▸ **What is expected**:
Every line below that holds the word "units" must be listed.

▸ **Records**:
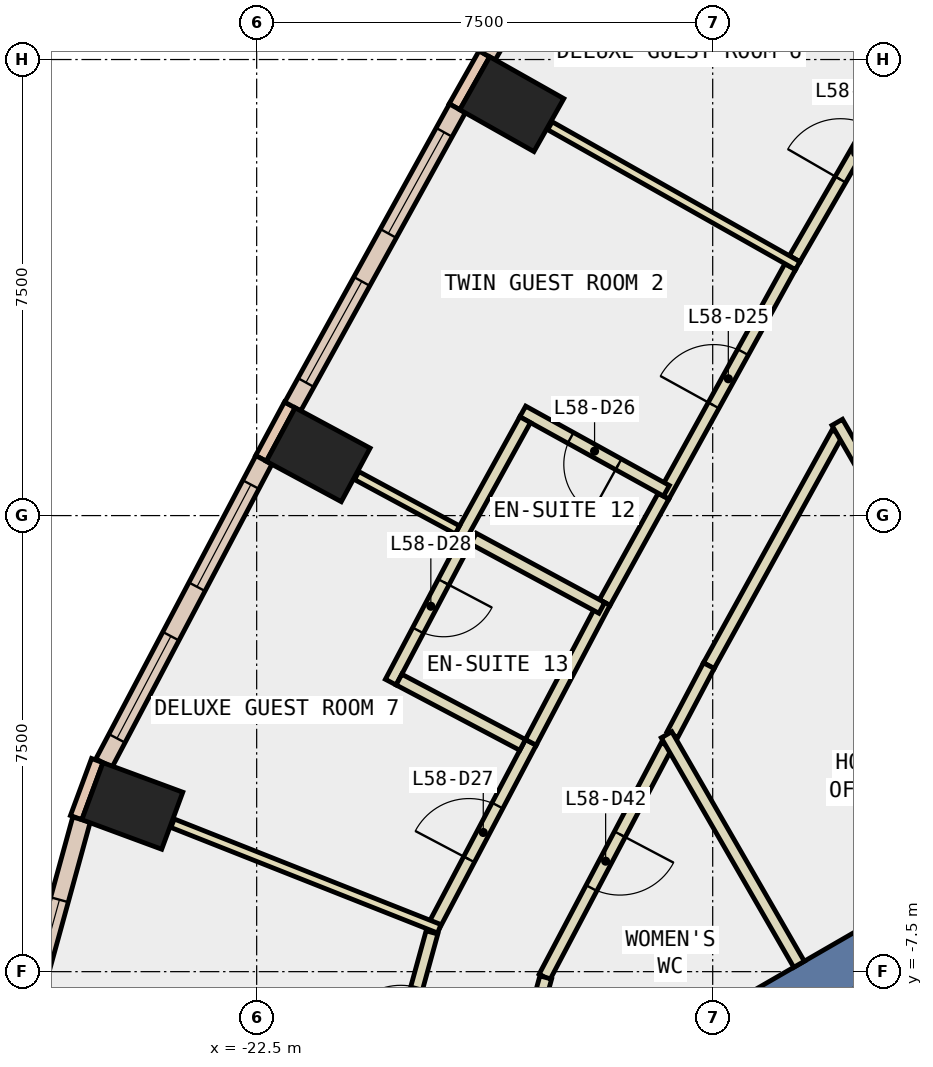
"""IFC4 building model, lengths in metres.
Left out: names, types, materials, properties, quantities, classifications, styles, units other than length and angle.
Written with IfcOpenShell. Run it as: python <this file> out.ifc"""

import sys

from ifc_helpers import new_model, si_unit, direction, frame, frame_2d, origin, origin_2d, place, context, subcontext, project, spatial, rectangle, extrude, element, fill, save


model = new_model("IFC4")
c1 = context("Model", 3, precision=1e-05, world=origin(), true_north=direction((0.0, 1.0)))
c2 = subcontext(c1, "Body", "Model", "MODEL_VIEW")
j1 = project(units=[si_unit("LENGTHUNIT", "METRE"), si_unit("PLANEANGLEUNIT", "RADIAN")], contexts=[c1])
p1 = place(None, origin())
s1 = spatial("IfcSite", under=j1, at=p1, CompositionType="ELEMENT")
p2 = place(p1, origin())
s2 = spatial("IfcBuilding", under=s1, at=p2, CompositionType="ELEMENT")
p3 = place(p2, frame((0.0, 0.0, 255.8)))
s3 = spatial("IfcBuildingStorey", under=s2, at=p3, CompositionType="ELEMENT", Elevation=255.8)
for number, where, z_axis, x_axis in (
    (1, (-18.304, 6.766, -0.34), (0.0, 0.0, 1.0), (0.491, 0.871, 0.0)),
    (2, (-21.488, 1.001, -0.34), (0.0, 0.0, 1.0), (0.474, 0.881, 0.0)),
    (3, (-24.545, -4.775, -0.34), (0.0, 0.0, 1.0), (0.347, 0.938, 0.0)),
):
    element("IfcColumn", number, at=place(p3, frame(where, z_axis=z_axis, x_axis=x_axis)), inside=s3, PredefinedType="COLUMN", context=c2, shape_type="SweptSolid", body=[
        extrude(rectangle(XDim=1.0, YDim=1.4, at=origin_2d()), origin(), (0.0, 0.0, 1.0), 3.6),
    ])
p4 = place(p3, frame((-7.578, -4.375, -0.34), z_axis=(0.0, 0.0, 1.0), x_axis=(-0.866024315419, -0.5000018851, 0.0)))
e4 = element("IfcWall", 4, at=p4, inside=s3, PredefinedType="SHEAR", context=c2, shape_type="SweptSolid", body=[
    extrude(rectangle(XDim=9.0, YDim=0.8, at=frame_2d((4.5, 0.0))), origin(), (0.0, 0.0, 1.0), 3.6),
])
for number, where, z_axis, x_axis in (
    (5, (-18.755, 7.594, 0.0), (0.0, 0.0, 1.0), (-0.492, -0.871, 0.0)),
    (6, (-21.955, 1.821, 0.0), (0.0, 0.0, 1.0), (-0.474, -0.881, 0.0)),
):
    element("IfcWall", number, at=place(p3, frame(where, z_axis=z_axis, x_axis=x_axis)), inside=s3, PredefinedType="STANDARD", context=c2, shape_type="SweptSolid", body=[
        extrude(rectangle(XDim=1.0, YDim=0.2, at=frame_2d((0.5, 0.0))), origin(), (0.0, 0.0, 1.0), 3.26),
    ])
p5 = place(p3, frame((-25.122, -4.029, 0.0), z_axis=(0.0, 0.0, 1.0), x_axis=(-0.346892928577, -0.937904737222, 0.0)))
e7 = element("IfcWall", 7, at=p5, inside=s3, PredefinedType="STANDARD", context=c2, shape_type="SweptSolid", body=[
    extrude(rectangle(XDim=1.0, YDim=0.2, at=frame_2d((0.5, 0.0))), origin(), (0.0, 0.0, 1.0), 3.26),
])
p6 = place(p3, frame((-15.906, 12.418, 0.0), z_axis=(0.0, 0.0, 1.0), x_axis=(-0.500089564757, -0.865973687372, 0.0)))
e8 = element("IfcWall", 8, at=p6, inside=s3, PredefinedType="STANDARD", context=c2, shape_type="SweptSolid", body=[
    extrude(rectangle(XDim=5.603, YDim=0.3, at=frame_2d((2.802, 0.0))), origin(), (0.0, 0.0, 1.0), 3.26),
])
p7 = place(p6, frame((0.451, 0.0, 0.9)))
e9 = element("IfcOpeningElement", 9, at=p7, cuts=e8, PredefinedType="OPENING", context=c2, shape_type="SweptSolid", body=[
    extrude(rectangle(XDim=1.9, YDim=2.0, at=frame_2d((0.95, 1.0))), frame((0.0, 0.16, 0.0), z_axis=(0.0, -1.0, 0.0), x_axis=(1.0, 0.0, 0.0)), (0.0, 0.0, 1.0), 0.32),
])
p8 = place(p6, frame((3.252, 0.0, 0.9)))
e10 = element("IfcOpeningElement", 10, at=p8, cuts=e8, PredefinedType="OPENING", context=c2, shape_type="SweptSolid", body=[
    extrude(rectangle(XDim=1.9, YDim=2.0, at=frame_2d((0.95, 1.0))), frame((0.0, 0.16, 0.0), z_axis=(0.0, -1.0, 0.0), x_axis=(1.0, 0.0, 0.0)), (0.0, 0.0, 1.0), 0.32),
])
p9 = place(p3, frame((-19.199, 6.697, 0.0), z_axis=(0.0, 0.0, 1.0), x_axis=(-0.483469062695, -0.875361448441, 0.0)))
e11 = element("IfcWall", 11, at=p9, inside=s3, PredefinedType="STANDARD", context=c2, shape_type="SweptSolid", body=[
    extrude(rectangle(XDim=5.601, YDim=0.3, at=frame_2d((2.801, 0.0))), origin(), (0.0, 0.0, 1.0), 3.26),
])
p10 = place(p9, frame((0.45, 0.0, 0.9)))
e12 = element("IfcOpeningElement", 12, at=p10, cuts=e11, PredefinedType="OPENING", context=c2, shape_type="SweptSolid", body=[
    extrude(rectangle(XDim=1.9, YDim=2.0, at=frame_2d((0.95, 1.0))), frame((0.0, 0.16, 0.0), z_axis=(0.0, -1.0, 0.0), x_axis=(1.0, 0.0, 0.0)), (0.0, 0.0, 1.0), 0.32),
])
p11 = place(p9, frame((3.251, 0.0, 0.9)))
e13 = element("IfcOpeningElement", 13, at=p11, cuts=e11, PredefinedType="OPENING", context=c2, shape_type="SweptSolid", body=[
    extrude(rectangle(XDim=1.9, YDim=2.0, at=frame_2d((0.95, 1.0))), frame((0.0, 0.16, 0.0), z_axis=(0.0, -1.0, 0.0), x_axis=(1.0, 0.0, 0.0)), (0.0, 0.0, 1.0), 0.32),
])
p12 = place(p3, frame((-22.381, 0.916, 0.0), z_axis=(0.0, 0.0, 1.0), x_axis=(-0.466663589714, -0.884434900959, 0.0)))
e14 = element("IfcWall", 14, at=p12, inside=s3, PredefinedType="STANDARD", context=c2, shape_type="SweptSolid", body=[
    extrude(rectangle(XDim=5.638, YDim=0.3, at=frame_2d((2.819, 0.0))), origin(), (0.0, 0.0, 1.0), 3.26),
])
p13 = place(p12, frame((0.459, 0.0, 0.9)))
e15 = element("IfcOpeningElement", 15, at=p13, cuts=e14, PredefinedType="OPENING", context=c2, shape_type="SweptSolid", body=[
    extrude(rectangle(XDim=1.9, YDim=2.0, at=frame_2d((0.95, 1.0))), frame((0.0, 0.16, 0.0), z_axis=(0.0, -1.0, 0.0), x_axis=(1.0, 0.0, 0.0)), (0.0, 0.0, 1.0), 0.32),
])
p14 = place(p12, frame((3.278, 0.0, 0.9)))
e16 = element("IfcOpeningElement", 16, at=p14, cuts=e14, PredefinedType="OPENING", context=c2, shape_type="SweptSolid", body=[
    extrude(rectangle(XDim=1.9, YDim=2.0, at=frame_2d((0.95, 1.0))), frame((0.0, 0.16, 0.0), z_axis=(0.0, -1.0, 0.0), x_axis=(1.0, 0.0, 0.0)), (0.0, 0.0, 1.0), 0.32),
])
p15 = place(p3, frame((-25.381, -4.998, 0.0), z_axis=(0.0, 0.0, 1.0), x_axis=(-0.264924661919, -0.964269113633, 0.0)))
e17 = element("IfcWall", 17, at=p15, inside=s3, PredefinedType="STANDARD", context=c2, shape_type="SweptSolid", body=[
    extrude(rectangle(XDim=4.137, YDim=0.3, at=frame_2d((2.068, 0.0))), origin(), (0.0, 0.0, 1.0), 3.26),
])
p16 = place(p15, frame((1.368, 0.0, 0.9)))
e18 = element("IfcOpeningElement", 18, at=p16, cuts=e17, PredefinedType="OPENING", context=c2, shape_type="SweptSolid", body=[
    extrude(rectangle(XDim=1.4, YDim=2.0, at=frame_2d((0.7, 1.0))), frame((0.0, 0.16, 0.0), z_axis=(0.0, -1.0, 0.0), x_axis=(1.0, 0.0, 0.0)), (0.0, 0.0, 1.0), 0.32),
])
p17 = place(p3, frame((-12.95, 1.36, 0.0), z_axis=(0.0, 0.0, 1.0), x_axis=(-0.483418231124, -0.875389521194, 0.0)))
e19 = element("IfcWall", 19, at=p17, inside=s3, PredefinedType="PARTITIONING", context=c2, shape_type="SweptSolid", body=[
    extrude(rectangle(XDim=4.373, YDim=0.2, at=frame_2d((2.187, 0.0))), origin(), (0.0, 0.0, 1.0), 3.26),
])
p18 = place(p3, frame((-15.064, -2.468, 0.0), z_axis=(0.0, 0.0, 1.0), x_axis=(-0.467126648849, -0.884190417238, 0.0)))
e20 = element("IfcWall", 20, at=p18, inside=s3, PredefinedType="PARTITIONING", context=c2, shape_type="SweptSolid", body=[
    extrude(rectangle(XDim=1.282, YDim=0.2, at=frame_2d((0.641, 0.0))), origin(), (0.0, 0.0, 1.0), 3.26),
])
p19 = place(p3, frame((-15.756, -3.779, 0.0), z_axis=(0.0, 0.0, 1.0), x_axis=(-0.46672043873, -0.884404902786, 0.0)))
e21 = element("IfcWall", 21, at=p19, inside=s3, PredefinedType="PARTITIONING", context=c2, shape_type="SweptSolid", body=[
    extrude(rectangle(XDim=4.307, YDim=0.2, at=frame_2d((2.153, 0.0))), origin(), (0.0, 0.0, 1.0), 3.26),
])
p20 = place(p19, frame((1.653, 0.0, 0.0)))
e22 = element("IfcOpeningElement", 22, at=p20, cuts=e21, PredefinedType="OPENING", context=c2, shape_type="SweptSolid", body=[
    extrude(rectangle(XDim=1.0, YDim=2.1, at=frame_2d((0.5, 1.05))), frame((0.0, 0.11, 0.0), z_axis=(0.0, -1.0, 0.0), x_axis=(1.0, 0.0, 0.0)), (0.0, 0.0, 1.0), 0.22),
])
p21 = place(p3, frame((-17.746, -7.596, 0.0), z_axis=(0.0, 0.0, 1.0), x_axis=(-0.264859637197, -0.96428697626, 0.0)))
e23 = element("IfcWall", 23, at=p21, inside=s3, PredefinedType="PARTITIONING", context=c2, shape_type="SweptSolid", body=[
    extrude(rectangle(XDim=2.122, YDim=0.2, at=frame_2d((1.061, 0.0))), origin(), (0.0, 0.0, 1.0), 3.26),
])
p22 = place(p3, frame((-13.652, 4.224, 0.0), z_axis=(0.0, 0.0, 1.0), x_axis=(0.500221427001, 0.865897525097, 0.0)))
e24 = element("IfcWall", 24, at=p22, inside=s3, PredefinedType="PARTITIONING", context=c2, shape_type="SweptSolid", body=[
    extrude(rectangle(XDim=3.91, YDim=0.2, at=frame_2d((1.955, 0.0))), origin(), (0.0, 0.0, 1.0), 3.26),
])
p23 = place(p22, frame((1.505, 0.0, 0.0)))
e25 = element("IfcOpeningElement", 25, at=p23, cuts=e24, PredefinedType="OPENING", context=c2, shape_type="SweptSolid", body=[
    extrude(rectangle(XDim=1.0, YDim=2.1, at=frame_2d((0.5, 1.05))), frame((0.0, 0.11, 0.0), z_axis=(0.0, -1.0, 0.0), x_axis=(1.0, 0.0, 0.0)), (0.0, 0.0, 1.0), 0.22),
])
p24 = place(p3, frame((-15.809, 0.32, 0.0), z_axis=(0.0, 0.0, 1.0), x_axis=(0.483322920175, 0.875442148193, 0.0)))
e26 = element("IfcWall", 26, at=p24, inside=s3, PredefinedType="PARTITIONING", context=c2, shape_type="SweptSolid", body=[
    extrude(rectangle(XDim=4.31, YDim=0.2, at=frame_2d((2.155, 0.0))), origin(), (0.0, 0.0, 1.0), 3.26),
])
p25 = place(p24, frame((1.705, 0.0, 0.0)))
e27 = element("IfcOpeningElement", 27, at=p25, cuts=e26, PredefinedType="OPENING", context=c2, shape_type="SweptSolid", body=[
    extrude(rectangle(XDim=1.0, YDim=2.1, at=frame_2d((0.5, 1.05))), frame((0.0, 0.11, 0.0), z_axis=(0.0, -1.0, 0.0), x_axis=(1.0, 0.0, 0.0)), (0.0, 0.0, 1.0), 0.22),
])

▸ **Response to this task**:
Left out: names, types, materials, properties, quantities, classifications, styles, units other than length and angle.
j1 = project(units=[si_unit("LENGTHUNIT", "METRE"), si_unit("PLANEANGLEUNIT", "RADIAN")], contexts=[c1])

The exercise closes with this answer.